INFORMATION SHOWN:
▽
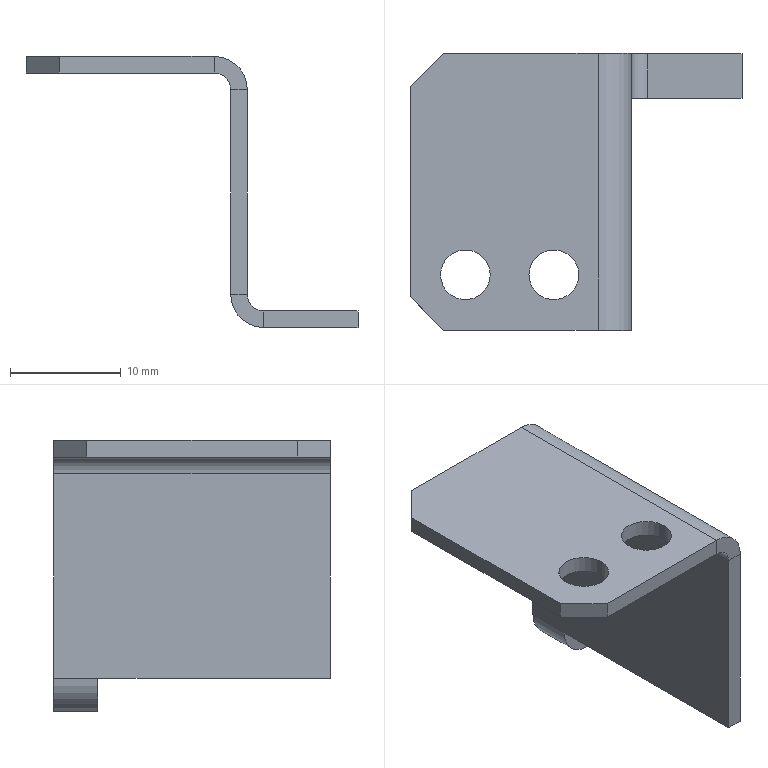Component | SolidWorks | F12529-S5109-1 | 1 solid | 29 faces | box 30 x 25 x 24.5 mm | volume 1475 mm3 | plane 21 | cylinder 8 | commonest cylinder face diameters 4.5 x4 6 x2 3 x2
STEP:
#1=CARTESIAN_POINT('',(-1.467,7.795,-1.201));
#2=VERTEX_POINT('',#1);
#3=CARTESIAN_POINT('',(-1.644,7.795,-1.201));
#4=VERTEX_POINT('',#3);
#5=CARTESIAN_POINT('',(-1.555,7.795,-1.201));
#6=DIRECTION('',(-0.,-0.,1.));
#7=DIRECTION('',(-1.,0.,-0.));
#8=AXIS2_PLACEMENT_3D('',#5,#6,#7);
#9=CIRCLE('',#8,0.08858);
#10=EDGE_CURVE('',#2,#4,#9,.T.);
#11=ORIENTED_EDGE('',*,*,#10,.T.);
#12=CARTESIAN_POINT('',(-1.644,7.795,-1.26));
#13=VERTEX_POINT('',#12);
#14=CARTESIAN_POINT('',(-1.644,7.795,-0.8661));
#15=DIRECTION('',(0.,0.,-1.));
#16=VECTOR('',#15,39.37);
#17=LINE('',#14,#16);
#18=EDGE_CURVE('',#4,#13,#17,.T.);
#19=ORIENTED_EDGE('',*,*,#18,.T.);
#20=CARTESIAN_POINT('',(-1.467,7.795,-1.26));
#21=VERTEX_POINT('',#20);
#22=CARTESIAN_POINT('',(-1.555,7.795,-1.26));
#23=DIRECTION('',(0.,0.,-1.));
#24=DIRECTION('',(1.,0.,0.));
#25=AXIS2_PLACEMENT_3D('',#22,#23,#24);
#26=CIRCLE('',#25,0.08858);
#27=EDGE_CURVE('',#13,#21,#26,.T.);
#28=ORIENTED_EDGE('',*,*,#27,.T.);
#29=CARTESIAN_POINT('',(-1.467,7.795,-0.8661));
#30=DIRECTION('',(0.,0.,-1.));
#31=VECTOR('',#30,39.37);
#32=LINE('',#29,#31);
#33=EDGE_CURVE('',#2,#21,#32,.T.);
#34=ORIENTED_EDGE('',*,*,#33,.F.);
#35=EDGE_LOOP('',(#11,#19,#28,#34));
#36=FACE_OUTER_BOUND('',#35,.T.);
#37=CARTESIAN_POINT('',(-1.555,7.795,-0.8661));
#38=DIRECTION('',(0.,0.,-1.));
#39=DIRECTION('',(1.,0.,0.));
#40=AXIS2_PLACEMENT_3D('',#37,#38,#39);
#41=CYLINDRICAL_SURFACE('',#40,0.08858);
#42=ADVANCED_FACE('',(#36),#41,.F.);
#43=CARTESIAN_POINT('',(-1.781,7.795,-1.201));
#44=VERTEX_POINT('',#43);
#45=CARTESIAN_POINT('',(-1.959,7.795,-1.201));
#46=VERTEX_POINT('',#45);
#47=CARTESIAN_POINT('',(-1.87,7.795,-1.201));
#48=DIRECTION('',(-0.,-0.,1.));
#49=DIRECTION('',(-1.,0.,-0.));
#50=AXIS2_PLACEMENT_3D('',#47,#48,#49);
#51=CIRCLE('',#50,0.08858);
#52=EDGE_CURVE('',#44,#46,#51,.T.);
#53=ORIENTED_EDGE('',*,*,#52,.T.);
#54=CARTESIAN_POINT('',(-1.959,7.795,-1.26));
#55=VERTEX_POINT('',#54);
#56=CARTESIAN_POINT('',(-1.959,7.795,-0.8661));
#57=DIRECTION('',(0.,0.,-1.));
#58=VECTOR('',#57,39.37);
#59=LINE('',#56,#58);
#60=EDGE_CURVE('',#46,#55,#59,.T.);
#61=ORIENTED_EDGE('',*,*,#60,.T.);
#62=CARTESIAN_POINT('',(-1.781,7.795,-1.26));
#63=VERTEX_POINT('',#62);
#64=CARTESIAN_POINT('',(-1.87,7.795,-1.26));
#65=DIRECTION('',(0.,0.,-1.));
#66=DIRECTION('',(1.,0.,0.));
#67=AXIS2_PLACEMENT_3D('',#64,#65,#66);
#68=CIRCLE('',#67,0.08858);
#69=EDGE_CURVE('',#55,#63,#68,.T.);
#70=ORIENTED_EDGE('',*,*,#69,.T.);
#71=CARTESIAN_POINT('',(-1.781,7.795,-0.8661));
#72=DIRECTION('',(0.,0.,-1.));
#73=VECTOR('',#72,39.37);
#74=LINE('',#71,#73);
#75=EDGE_CURVE('',#44,#63,#74,.T.);
#76=ORIENTED_EDGE('',*,*,#75,.F.);
#77=EDGE_LOOP('',(#53,#61,#70,#76));
#78=FACE_OUTER_BOUND('',#77,.T.);
#79=CARTESIAN_POINT('',(-1.87,7.795,-0.8661));
#80=DIRECTION('',(0.,0.,-1.));
#81=DIRECTION('',(1.,0.,0.));
#82=AXIS2_PLACEMENT_3D('',#79,#80,#81);
#83=CYLINDRICAL_SURFACE('',#82,0.08858);
#84=ADVANCED_FACE('',(#78),#83,.F.);
#85=CARTESIAN_POINT('',(-1.28,7.598,-1.319));
#86=VERTEX_POINT('',#85);
#87=CARTESIAN_POINT('',(-1.339,7.598,-1.319));
#88=VERTEX_POINT('',#87);
#89=CARTESIAN_POINT('',(-1.28,7.598,-1.319));
#90=DIRECTION('',(-1.,-0.,-0.));
#91=VECTOR('',#90,39.37);
#92=LINE('',#89,#91);
#93=EDGE_CURVE('',#86,#88,#92,.T.);
#94=ORIENTED_EDGE('',*,*,#93,.F.);
#95=CARTESIAN_POINT('',(-1.398,7.598,-1.201));
#96=VERTEX_POINT('',#95);
#97=CARTESIAN_POINT('',(-1.398,7.598,-1.319));
#98=DIRECTION('',(-0.,1.,-0.));
#99=DIRECTION('',(-1.,0.,0.));
#100=AXIS2_PLACEMENT_3D('',#97,#98,#99);
#101=CIRCLE('',#100,0.1181);
#102=EDGE_CURVE('',#96,#86,#101,.T.);
#103=ORIENTED_EDGE('',*,*,#102,.F.);
#104=CARTESIAN_POINT('',(-1.398,7.598,-1.26));
#105=VERTEX_POINT('',#104);
#106=CARTESIAN_POINT('',(-1.398,7.598,-1.26));
#107=DIRECTION('',(-0.,-0.,1.));
#108=VECTOR('',#107,39.37);
#109=LINE('',#106,#108);
#110=EDGE_CURVE('',#105,#96,#109,.T.);
#111=ORIENTED_EDGE('',*,*,#110,.F.);
#112=CARTESIAN_POINT('',(-1.398,7.598,-1.319));
#113=DIRECTION('',(-0.,1.,-0.));
#114=DIRECTION('',(0.,0.,-1.));
#115=AXIS2_PLACEMENT_3D('',#112,#113,#114);
#116=CIRCLE('',#115,0.05906);
#117=EDGE_CURVE('',#105,#88,#116,.T.);
#118=ORIENTED_EDGE('',*,*,#117,.T.);
#119=EDGE_LOOP('',(#94,#103,#111,#118));
#120=FACE_OUTER_BOUND('',#119,.T.);
#121=CARTESIAN_POINT('',(-1.28,7.598,-1.319));
#122=DIRECTION('',(0.,-1.,0.));
#123=DIRECTION('',(-1.,-0.,-0.));
#124=AXIS2_PLACEMENT_3D('',#121,#122,#123);
#125=PLANE('',#124);
#126=ADVANCED_FACE('',(#120),#125,.T.);
#127=CARTESIAN_POINT('',(-1.28,7.598,-2.047));
#128=VERTEX_POINT('',#127);
#129=CARTESIAN_POINT('',(-1.28,7.598,-1.201));
#130=DIRECTION('',(0.,0.,-1.));
#131=VECTOR('',#130,39.37);
#132=LINE('',#129,#131);
#133=EDGE_CURVE('',#86,#128,#132,.T.);
#134=ORIENTED_EDGE('',*,*,#133,.F.);
#135=ORIENTED_EDGE('',*,*,#93,.T.);
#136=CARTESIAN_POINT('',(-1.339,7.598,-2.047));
△
ASSIGNMENT: Lines containing the word "CIRCLE" must be found in the data above and copied.

TASK ANSWER:
#9=CIRCLE('',#8,0.08858);
#26=CIRCLE('',#25,0.08858);
#51=CIRCLE('',#50,0.08858);
#68=CIRCLE('',#67,0.08858);
#101=CIRCLE('',#100,0.1181);
#116=CIRCLE('',#115,0.05906);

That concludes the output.